(Stored data Opens)
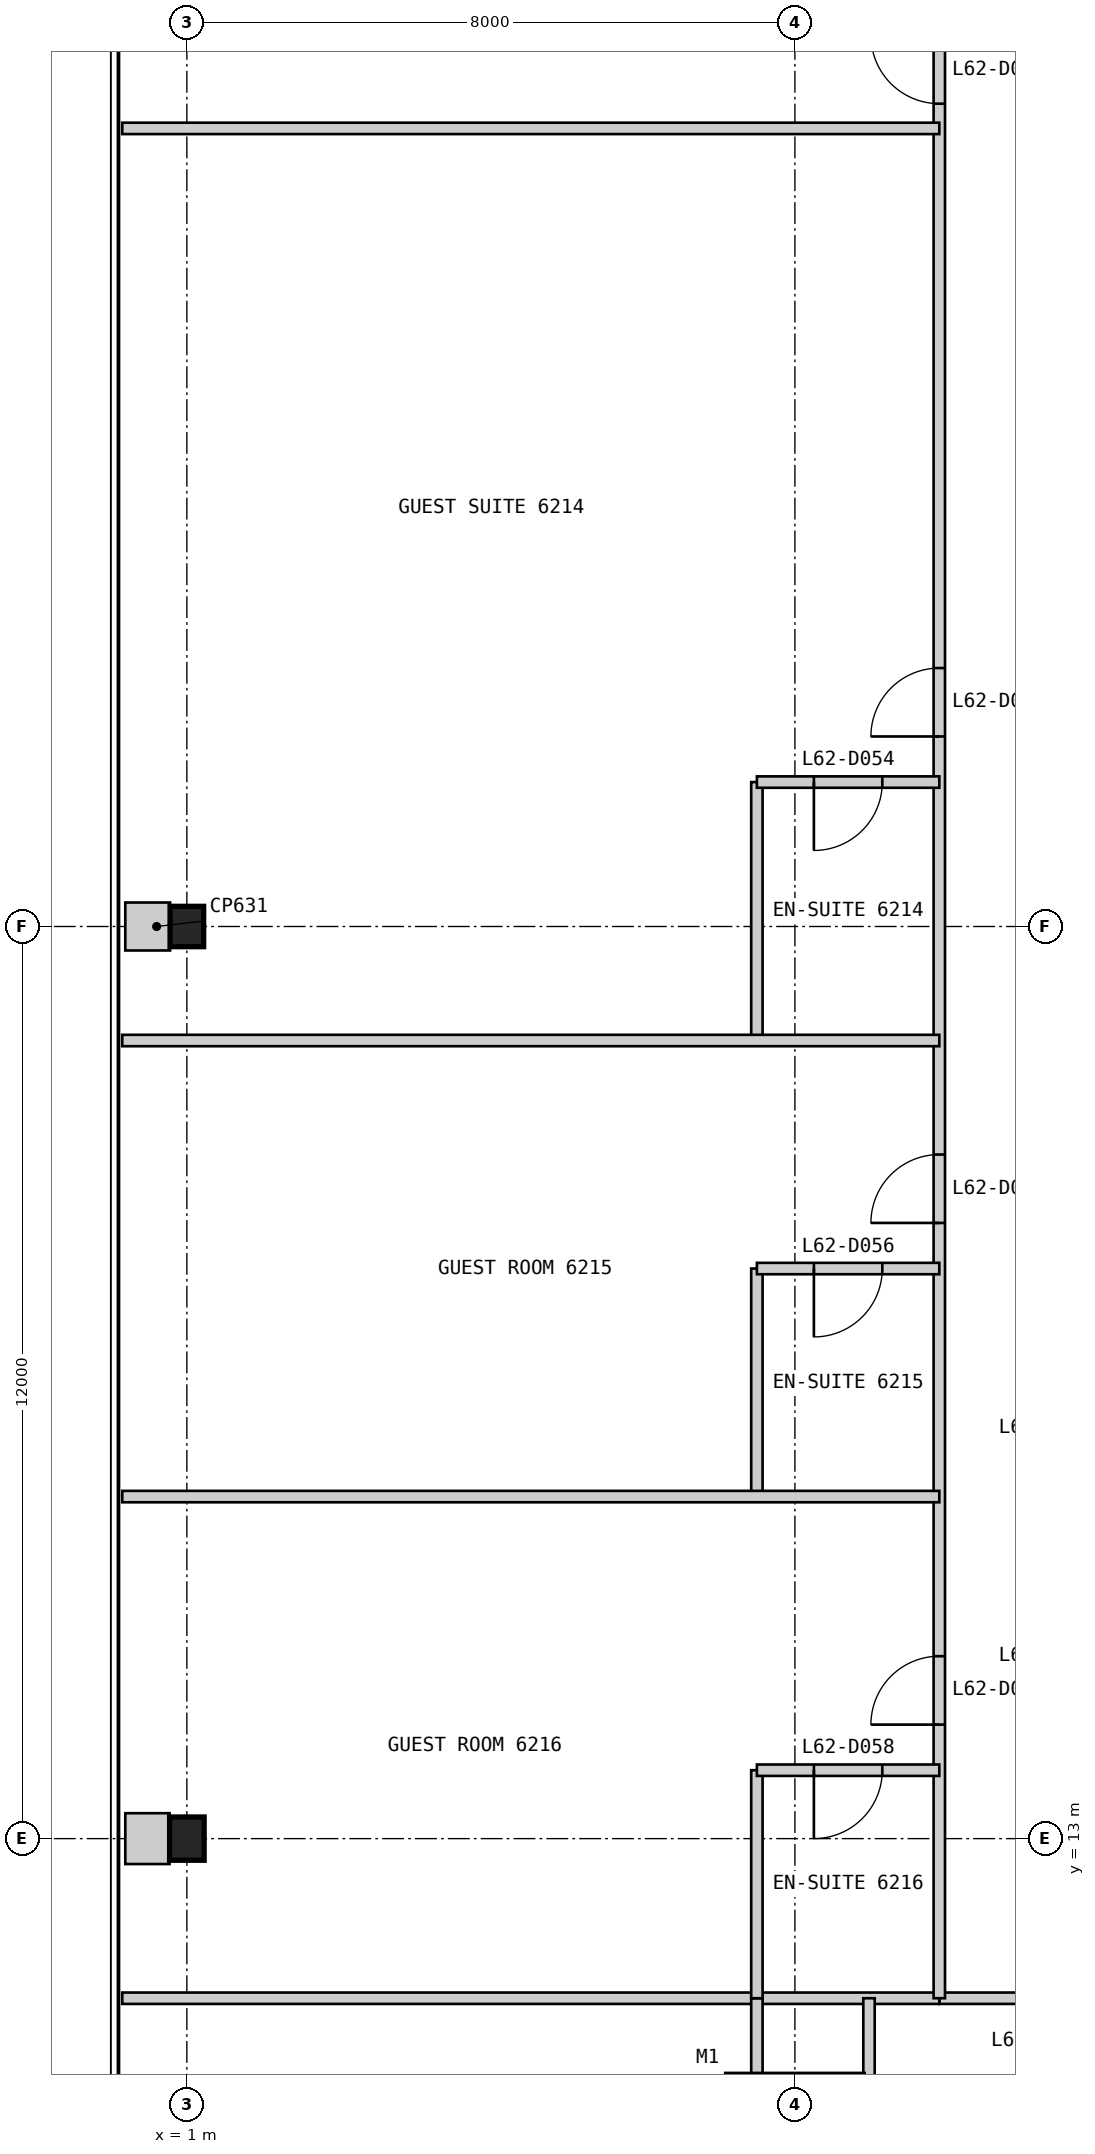
"""IFC4 building model, lengths in metres.
Left out: names, types, materials, properties, quantities, classifications, styles, units other than length and angle.
Written with IfcOpenShell. Run it as: python <this file> out.ifc"""

import sys

from ifc_helpers import new_model, si_unit, direction, frame, frame_2d, origin, origin_2d, place, context, subcontext, project, spatial, rectangle, i_section, extrude, element, fill, save


model = new_model("IFC4")
c1 = context("Model", 3, precision=1e-05, world=origin(), true_north=direction((0.0, 1.0)))
c2 = subcontext(c1, "Body", "Model", "MODEL_VIEW")
j1 = project(units=[si_unit("LENGTHUNIT", "METRE"), si_unit("PLANEANGLEUNIT", "RADIAN")], contexts=[c1])
p1 = place(None, origin())
s1 = spatial("IfcSite", under=j1, at=p1, CompositionType="ELEMENT")
p2 = place(p1, origin())
s2 = spatial("IfcBuilding", under=s1, at=p2, CompositionType="ELEMENT")
p3 = place(p2, frame((0.0, 0.0, 262.8)))
s3 = spatial("IfcBuildingStorey", under=s2, at=p3, CompositionType="ELEMENT", Elevation=262.8)
p4 = place(p3, frame((9.0, 9.0, 0.0), z_axis=(0.0, 0.0, 1.0), x_axis=(1.0, 0.0, 0.0)))
e1 = element("IfcColumn", 1, at=p4, inside=s3, PredefinedType="COLUMN", context=c2, shape_type="SweptSolid", body=[
    extrude(rectangle(XDim=1.8, YDim=1.8, at=origin_2d()), origin(), (0.0, 0.0, 1.0), 3.4),
])
p5 = place(p3, frame((1.0, 25.0, 0.0), z_axis=(0.0, 0.0, 1.0), x_axis=(1.0, 0.0, 0.0)))
e2 = element("IfcColumn", 2, at=p5, inside=s3, PredefinedType="COLUMN", context=c2, shape_type="SweptSolid", body=[
    extrude(i_section(OverallWidth=0.442, OverallDepth=0.531, WebThickness=0.066, FlangeThickness=0.106, at=origin_2d()), origin(), (0.0, 0.0, 1.0), 3.4),
])
p6 = place(p3, frame((1.0, 13.0, 0.0), z_axis=(0.0, 0.0, 1.0), x_axis=(1.0, 0.0, 0.0)))
e3 = element("IfcColumn", 3, at=p6, inside=s3, PredefinedType="COLUMN", context=c2, shape_type="SweptSolid", body=[
    extrude(i_section(OverallWidth=0.455, OverallDepth=0.569, WebThickness=0.078, FlangeThickness=0.125, at=origin_2d()), origin(), (0.0, 0.0, 1.0), 3.4),
])
p7 = place(p3, frame((10.9, 10.9, 0.0), z_axis=(0.0, 0.0, 1.0), x_axis=(1.0, 0.0, 0.0)))
e4 = element("IfcWall", 4, at=p7, inside=s3, PredefinedType="PARTITIONING", context=c2, shape_type="SweptSolid", body=[
    extrude(rectangle(XDim=28.2, YDim=0.15, at=frame_2d((14.1, 0.0))), origin(), (0.0, 0.0, 1.0), 3.25),
])
p8 = place(p7, frame((2.375, 0.0, 0.0)))
e5 = element("IfcOpeningElement", 5, at=p8, cuts=e4, PredefinedType="OPENING", context=c2, shape_type="SweptSolid", body=[
    extrude(rectangle(XDim=0.9, YDim=2.1, at=frame_2d((0.45, 1.05))), frame((0.0, 0.085, 0.0), z_axis=(0.0, -1.0, 0.0), x_axis=(1.0, 0.0, 0.0)), (0.0, 0.0, 1.0), 0.17),
])
p9 = place(p7, frame((10.7, 0.0, 0.0)))
e6 = element("IfcOpeningElement", 6, at=p9, cuts=e4, PredefinedType="OPENING", context=c2, shape_type="SweptSolid", body=[
    extrude(rectangle(XDim=0.9, YDim=2.1, at=frame_2d((0.45, 1.05))), frame((0.0, 0.085, 0.0), z_axis=(0.0, -1.0, 0.0), x_axis=(1.0, 0.0, 0.0)), (0.0, 0.0, 1.0), 0.17),
])
p10 = place(p7, frame((16.8, 0.0, 0.0)))
e7 = element("IfcOpeningElement", 7, at=p10, cuts=e4, PredefinedType="OPENING", context=c2, shape_type="SweptSolid", body=[
    extrude(rectangle(XDim=1.0, YDim=2.1, at=frame_2d((0.5, 1.05))), frame((0.0, 0.085, 0.0), z_axis=(0.0, -1.0, 0.0), x_axis=(1.0, 0.0, 0.0)), (0.0, 0.0, 1.0), 0.17),
])
p11 = place(p7, frame((23.7, 0.0, 0.0)))
e8 = element("IfcOpeningElement", 8, at=p11, cuts=e4, PredefinedType="OPENING", context=c2, shape_type="SweptSolid", body=[
    extrude(rectangle(XDim=0.9, YDim=2.1, at=frame_2d((0.45, 1.05))), frame((0.0, 0.085, 0.0), z_axis=(0.0, -1.0, 0.0), x_axis=(1.0, 0.0, 0.0)), (0.0, 0.0, 1.0), 0.17),
])
p12 = place(p3, frame((0.15, 10.9, 0.0), z_axis=(0.0, 0.0, 1.0), x_axis=(1.0, 0.0, 0.0)))
e9 = element("IfcWall", 9, at=p12, inside=s3, PredefinedType="PARTITIONING", context=c2, shape_type="SweptSolid", body=[
    extrude(rectangle(XDim=10.75, YDim=0.15, at=frame_2d((5.375, 0.0))), origin(), (0.0, 0.0, 1.0), 3.25),
])
p13 = place(p3, frame((9.975, 8.5, 0.0), z_axis=(0.0, 0.0, 1.0), x_axis=(0.0, 1.0, 0.0)))
e10 = element("IfcWall", 10, at=p13, inside=s3, PredefinedType="PARTITIONING", context=c2, shape_type="SweptSolid", body=[
    extrude(rectangle(XDim=2.4, YDim=0.15, at=frame_2d((1.2, 0.0))), origin(), (0.0, 0.0, 1.0), 3.25),
])
p14 = place(p3, frame((8.5, 0.15, 0.0), z_axis=(0.0, 0.0, 1.0), x_axis=(0.0, 1.0, 0.0)))
e11 = element("IfcWall", 11, at=p14, inside=s3, PredefinedType="PARTITIONING", context=c2, shape_type="SweptSolid", body=[
    extrude(rectangle(XDim=10.75, YDim=0.15, at=frame_2d((5.375, 0.0))), origin(), (0.0, 0.0, 1.0), 3.25),
])
p15 = place(p14, frame((5.0, 0.0, 0.0)))
e12 = element("IfcOpeningElement", 12, at=p15, cuts=e11, PredefinedType="OPENING", context=c2, shape_type="SweptSolid", body=[
    extrude(rectangle(XDim=0.9, YDim=2.1, at=frame_2d((0.45, 1.05))), frame((0.0, 0.085, 0.0), z_axis=(0.0, -1.0, 0.0), x_axis=(1.0, 0.0, 0.0)), (0.0, 0.0, 1.0), 0.17),
])
p16 = place(p3, frame((10.9, 39.1, 0.0), z_axis=(0.0, 0.0, 1.0), x_axis=(0.0, -1.0, 0.0)))
e13 = element("IfcWall", 13, at=p16, inside=s3, PredefinedType="PARTITIONING", context=c2, shape_type="SweptSolid", body=[
    extrude(rectangle(XDim=28.2, YDim=0.15, at=frame_2d((14.1, 0.0))), origin(), (0.0, 0.0, 1.0), 3.25),
])
p17 = place(p16, frame((2.375, 0.0, 0.0)))
e14 = element("IfcOpeningElement", 14, at=p17, cuts=e13, PredefinedType="OPENING", context=c2, shape_type="SweptSolid", body=[
    extrude(rectangle(XDim=0.9, YDim=2.1, at=frame_2d((0.45, 1.05))), frame((0.0, 0.085, 0.0), z_axis=(0.0, -1.0, 0.0), x_axis=(1.0, 0.0, 0.0)), (0.0, 0.0, 1.0), 0.17),
])
p18 = place(p16, frame((10.7, 0.0, 0.0)))
e15 = element("IfcOpeningElement", 15, at=p18, cuts=e13, PredefinedType="OPENING", context=c2, shape_type="SweptSolid", body=[
    extrude(rectangle(XDim=0.9, YDim=2.1, at=frame_2d((0.45, 1.05))), frame((0.0, 0.085, 0.0), z_axis=(0.0, -1.0, 0.0), x_axis=(1.0, 0.0, 0.0)), (0.0, 0.0, 1.0), 0.17),
])
p19 = place(p16, frame((17.1, 0.0, 0.0)))
e16 = element("IfcOpeningElement", 16, at=p19, cuts=e13, PredefinedType="OPENING", context=c2, shape_type="SweptSolid", body=[
    extrude(rectangle(XDim=0.9, YDim=2.1, at=frame_2d((0.45, 1.05))), frame((0.0, 0.085, 0.0), z_axis=(0.0, -1.0, 0.0), x_axis=(1.0, 0.0, 0.0)), (0.0, 0.0, 1.0), 0.17),
])
p20 = place(p16, frame((23.7, 0.0, 0.0)))
e17 = element("IfcOpeningElement", 17, at=p20, cuts=e13, PredefinedType="OPENING", context=c2, shape_type="SweptSolid", body=[
    extrude(rectangle(XDim=0.9, YDim=2.1, at=frame_2d((0.45, 1.05))), frame((0.0, 0.085, 0.0), z_axis=(0.0, -1.0, 0.0), x_axis=(1.0, 0.0, 0.0)), (0.0, 0.0, 1.0), 0.17),
])
p21 = place(p3, frame((0.15, 35.5, 0.0), z_axis=(0.0, 0.0, 1.0), x_axis=(1.0, 0.0, 0.0)))
e18 = element("IfcWall", 18, at=p21, inside=s3, PredefinedType="PARTITIONING", context=c2, shape_type="SweptSolid", body=[
    extrude(rectangle(XDim=10.75, YDim=0.15, at=frame_2d((5.375, 0.0))), origin(), (0.0, 0.0, 1.0), 3.25),
])
p22 = place(p3, frame((8.5, 26.9, 0.0), z_axis=(0.0, 0.0, 1.0), x_axis=(0.0, -1.0, 0.0)))
e19 = element("IfcWall", 19, at=p22, inside=s3, PredefinedType="PARTITIONING", context=c2, shape_type="SweptSolid", body=[
    extrude(rectangle(XDim=3.4, YDim=0.15, at=frame_2d((1.7, 0.0))), origin(), (0.0, 0.0, 1.0), 3.25),
])
p23 = place(p3, frame((8.5, 26.9, 0.0), z_axis=(0.0, 0.0, 1.0), x_axis=(1.0, 0.0, 0.0)))
e20 = element("IfcWall", 20, at=p23, inside=s3, PredefinedType="PARTITIONING", context=c2, shape_type="SweptSolid", body=[
    extrude(rectangle(XDim=2.4, YDim=0.15, at=frame_2d((1.2, 0.0))), origin(), (0.0, 0.0, 1.0), 3.25),
])
p24 = place(p23, frame((0.75, 0.0, 0.0)))
e21 = element("IfcOpeningElement", 21, at=p24, cuts=e20, PredefinedType="OPENING", context=c2, shape_type="SweptSolid", body=[
    extrude(rectangle(XDim=0.9, YDim=2.1, at=frame_2d((0.45, 1.05))), frame((0.0, 0.085, 0.0), z_axis=(0.0, -1.0, 0.0), x_axis=(1.0, 0.0, 0.0)), (0.0, 0.0, 1.0), 0.17),
])
p25 = place(p3, frame((0.15, 23.5, 0.0), z_axis=(0.0, 0.0, 1.0), x_axis=(1.0, 0.0, 0.0)))
e22 = element("IfcWall", 22, at=p25, inside=s3, PredefinedType="PARTITIONING", context=c2, shape_type="SweptSolid", body=[
    extrude(rectangle(XDim=10.75, YDim=0.15, at=frame_2d((5.375, 0.0))), origin(), (0.0, 0.0, 1.0), 3.25),
])
p26 = place(p3, frame((8.5, 20.5, 0.0), z_axis=(0.0, 0.0, 1.0), x_axis=(0.0, -1.0, 0.0)))
e23 = element("IfcWall", 23, at=p26, inside=s3, PredefinedType="PARTITIONING", context=c2, shape_type="SweptSolid", body=[
    extrude(rectangle(XDim=3.0, YDim=0.15, at=frame_2d((1.5, 0.0))), origin(), (0.0, 0.0, 1.0), 3.25),
])
p27 = place(p3, frame((8.5, 20.5, 0.0), z_axis=(0.0, 0.0, 1.0), x_axis=(1.0, 0.0, 0.0)))
e24 = element("IfcWall", 24, at=p27, inside=s3, PredefinedType="PARTITIONING", context=c2, shape_type="SweptSolid", body=[
    extrude(rectangle(XDim=2.4, YDim=0.15, at=frame_2d((1.2, 0.0))), origin(), (0.0, 0.0, 1.0), 3.25),
])
p28 = place(p27, frame((0.75, 0.0, 0.0)))
e25 = element("IfcOpeningElement", 25, at=p28, cuts=e24, PredefinedType="OPENING", context=c2, shape_type="SweptSolid", body=[
    extrude(rectangle(XDim=0.9, YDim=2.1, at=frame_2d((0.45, 1.05))), frame((0.0, 0.085, 0.0), z_axis=(0.0, -1.0, 0.0), x_axis=(1.0, 0.0, 0.0)), (0.0, 0.0, 1.0), 0.17),
])
p29 = place(p3, frame((0.15, 17.5, 0.0), z_axis=(0.0, 0.0, 1.0), x_axis=(1.0, 0.0, 0.0)))
e26 = element("IfcWall", 26, at=p29, inside=s3, PredefinedType="PARTITIONING", context=c2, shape_type="SweptSolid", body=[
    extrude(rectangle(XDim=10.75, YDim=0.15, at=frame_2d((5.375, 0.0))), origin(), (0.0, 0.0, 1.0), 3.25),
])
p30 = place(p3, frame((8.5, 13.9, 0.0), z_axis=(0.0, 0.0, 1.0), x_axis=(0.0, -1.0, 0.0)))
e27 = element("IfcWall", 27, at=p30, inside=s3, PredefinedType="PARTITIONING", context=c2, shape_type="SweptSolid", body=[
    extrude(rectangle(XDim=3.0, YDim=0.15, at=frame_2d((1.5, 0.0))), origin(), (0.0, 0.0, 1.0), 3.25),
])
p31 = place(p3, frame((8.5, 13.9, 0.0), z_axis=(0.0, 0.0, 1.0), x_axis=(1.0, 0.0, 0.0)))
e28 = element("IfcWall", 28, at=p31, inside=s3, PredefinedType="PARTITIONING", context=c2, shape_type="SweptSolid", body=[
    extrude(rectangle(XDim=2.4, YDim=0.15, at=frame_2d((1.2, 0.0))), origin(), (0.0, 0.0, 1.0), 3.25),
])
p32 = place(p31, frame((0.75, 0.0, 0.0)))
e29 = element("IfcOpeningElement", 29, at=p32, cuts=e28, PredefinedType="OPENING", context=c2, shape_type="SweptSolid", body=[
    extrude(rectangle(XDim=0.9, YDim=2.1, at=frame_2d((0.45, 1.05))), frame((0.0, 0.085, 0.0), z_axis=(0.0, -1.0, 0.0), x_axis=(1.0, 0.0, 0.0)), (0.0, 0.0, 1.0), 0.17),
])
p33 = place(p3, frame((0.19, 25.0, 0.0), z_axis=(0.0, 0.0, 1.0), x_axis=(1.0, 0.0, 0.0)))
e30 = element("IfcWall", 30, at=p33, inside=s3, PredefinedType="PARTITIONING", context=c2, shape_type="SweptSolid", body=[
    extrude(rectangle(XDim=0.589, YDim=0.631, at=frame_2d((0.294, 0.0))), origin(), (0.0, 0.0, 1.0), 3.25),
])
p34 = place(p3, frame((0.19, 13.0, 0.0), z_axis=(0.0, 0.0, 1.0), x_axis=(1.0, 0.0, 0.0)))
e31 = element("IfcWall", 31, at=p34, inside=s3, PredefinedType="PARTITIONING", context=c2, shape_type="SweptSolid", body=[
    extrude(rectangle(XDim=0.583, YDim=0.669, at=frame_2d((0.292, 0.0))), origin(), (0.0, 0.0, 1.0), 3.25),
])
p35 = place(p17, frame((0.9, 0.0, 0.0), z_axis=(0.0, 0.0, 1.0), x_axis=(-1.0, 0.0, 0.0)))
e32 = element("IfcDoor", 32, at=p35, inside=s3, OperationType="SINGLE_SWING_RIGHT", PredefinedType="DOOR", context=c2, shape_type="SweptSolid", body=[
    extrude(rectangle(XDim=0.9, YDim=2.1, at=frame_2d((0.45, 1.05))), frame((0.0, 0.025, 0.0), z_axis=(0.0, -1.0, 0.0), x_axis=(1.0, 0.0, 0.0)), (0.0, 0.0, 1.0), 0.05),
])
fill(e14, e32)
p36 = place(p24, frame((0.9, 0.0, 0.0), z_axis=(0.0, 0.0, 1.0), x_axis=(-1.0, 0.0, 0.0)))
e33 = element("IfcDoor", 33, at=p36, inside=s3, OperationType="SINGLE_SWING_RIGHT", PredefinedType="DOOR", context=c2, shape_type="SweptSolid", body=[
    extrude(rectangle(XDim=0.9, YDim=2.1, at=frame_2d((0.45, 1.05))), frame((0.0, 0.025, 0.0), z_axis=(0.0, -1.0, 0.0), x_axis=(1.0, 0.0, 0.0)), (0.0, 0.0, 1.0), 0.05),
])
fill(e21, e33)
p37 = place(p18, frame((0.9, 0.0, 0.0), z_axis=(0.0, 0.0, 1.0), x_axis=(-1.0, 0.0, 0.0)))
e34 = element("IfcDoor", 34, at=p37, inside=s3, OperationType="SINGLE_SWING_LEFT", PredefinedType="DOOR", context=c2, shape_type="SweptSolid", body=[
    extrude(rectangle(XDim=0.9, YDim=2.1, at=frame_2d((0.45, 1.05))), frame((0.0, 0.025, 0.0), z_axis=(0.0, -1.0, 0.0), x_axis=(1.0, 0.0, 0.0)), (0.0, 0.0, 1.0), 0.05),
])
fill(e15, e34)
p38 = place(p28, frame((0.9, 0.0, 0.0), z_axis=(0.0, 0.0, 1.0), x_axis=(-1.0, 0.0, 0.0)))
e35 = element("IfcDoor", 35, at=p38, inside=s3, OperationType="SINGLE_SWING_RIGHT", PredefinedType="DOOR", context=c2, shape_type="SweptSolid", body=[
    extrude(rectangle(XDim=0.9, YDim=2.1, at=frame_2d((0.45, 1.05))), frame((0.0, 0.025, 0.0), z_axis=(0.0, -1.0, 0.0), x_axis=(1.0, 0.0, 0.0)), (0.0, 0.0, 1.0), 0.05),
])
fill(e25, e35)
p39 = place(p19, frame((0.9, 0.0, 0.0), z_axis=(0.0, 0.0, 1.0), x_axis=(-1.0, 0.0, 0.0)))
e36 = element("IfcDoor", 36, at=p39, inside=s3, OperationType="SINGLE_SWING_LEFT", PredefinedType="DOOR", context=c2, shape_type="SweptSolid", body=[
    extrude(rectangle(XDim=0.9, YDim=2.1, at=frame_2d((0.45, 1.05))), frame((0.0, 0.025, 0.0), z_axis=(0.0, -1.0, 0.0), x_axis=(1.0, 0.0, 0.0)), (0.0, 0.0, 1.0), 0.05),
])
fill(e16, e36)
p40 = place(p32, frame((0.9, 0.0, 0.0), z_axis=(0.0, 0.0, 1.0), x_axis=(-1.0, 0.0, 0.0)))
e37 = element("IfcDoor", 37, at=p40, inside=s3, OperationType="SINGLE_SWING_RIGHT", PredefinedType="DOOR", context=c2, shape_type="SweptSolid", body=[
    extrude(rectangle(XDim=0.9, YDim=2.1, at=frame_2d((0.45, 1.05))), frame((0.0, 0.025, 0.0), z_axis=(0.0, -1.0, 0.0), x_axis=(1.0, 0.0, 0.0)), (0.0, 0.0, 1.0), 0.05),
])
fill(e29, e37)
p41 = place(p20, frame((0.9, 0.0, 0.0), z_axis=(0.0, 0.0, 1.0), x_axis=(-1.0, 0.0, 0.0)))
e38 = element("IfcDoor", 38, at=p41, inside=s3, OperationType="SINGLE_SWING_LEFT", PredefinedType="DOOR", context=c2, shape_type="SweptSolid", body=[
    extrude(rectangle(XDim=0.9, YDim=2.1, at=frame_2d((0.45, 1.05))), frame((0.0, 0.025, 0.0), z_axis=(0.0, -1.0, 0.0), x_axis=(1.0, 0.0, 0.0)), (0.0, 0.0, 1.0), 0.05),
])
fill(e17, e38)
save(model, sys.argv[1])
(Stored data Closes)
**Task:**
Which lines of the records above contain the word "COLUMN"? Report each one in full.

**Exercise output:**
e1 = element("IfcColumn", 1, at=p4, inside=s3, PredefinedType="COLUMN", context=c2, shape_type="SweptSolid", body=[
e2 = element("IfcColumn", 2, at=p5, inside=s3, PredefinedType="COLUMN", context=c2, shape_type="SweptSolid", body=[
e3 = element("IfcColumn", 3, at=p6, inside=s3, PredefinedType="COLUMN", context=c2, shape_type="SweptSolid", body=[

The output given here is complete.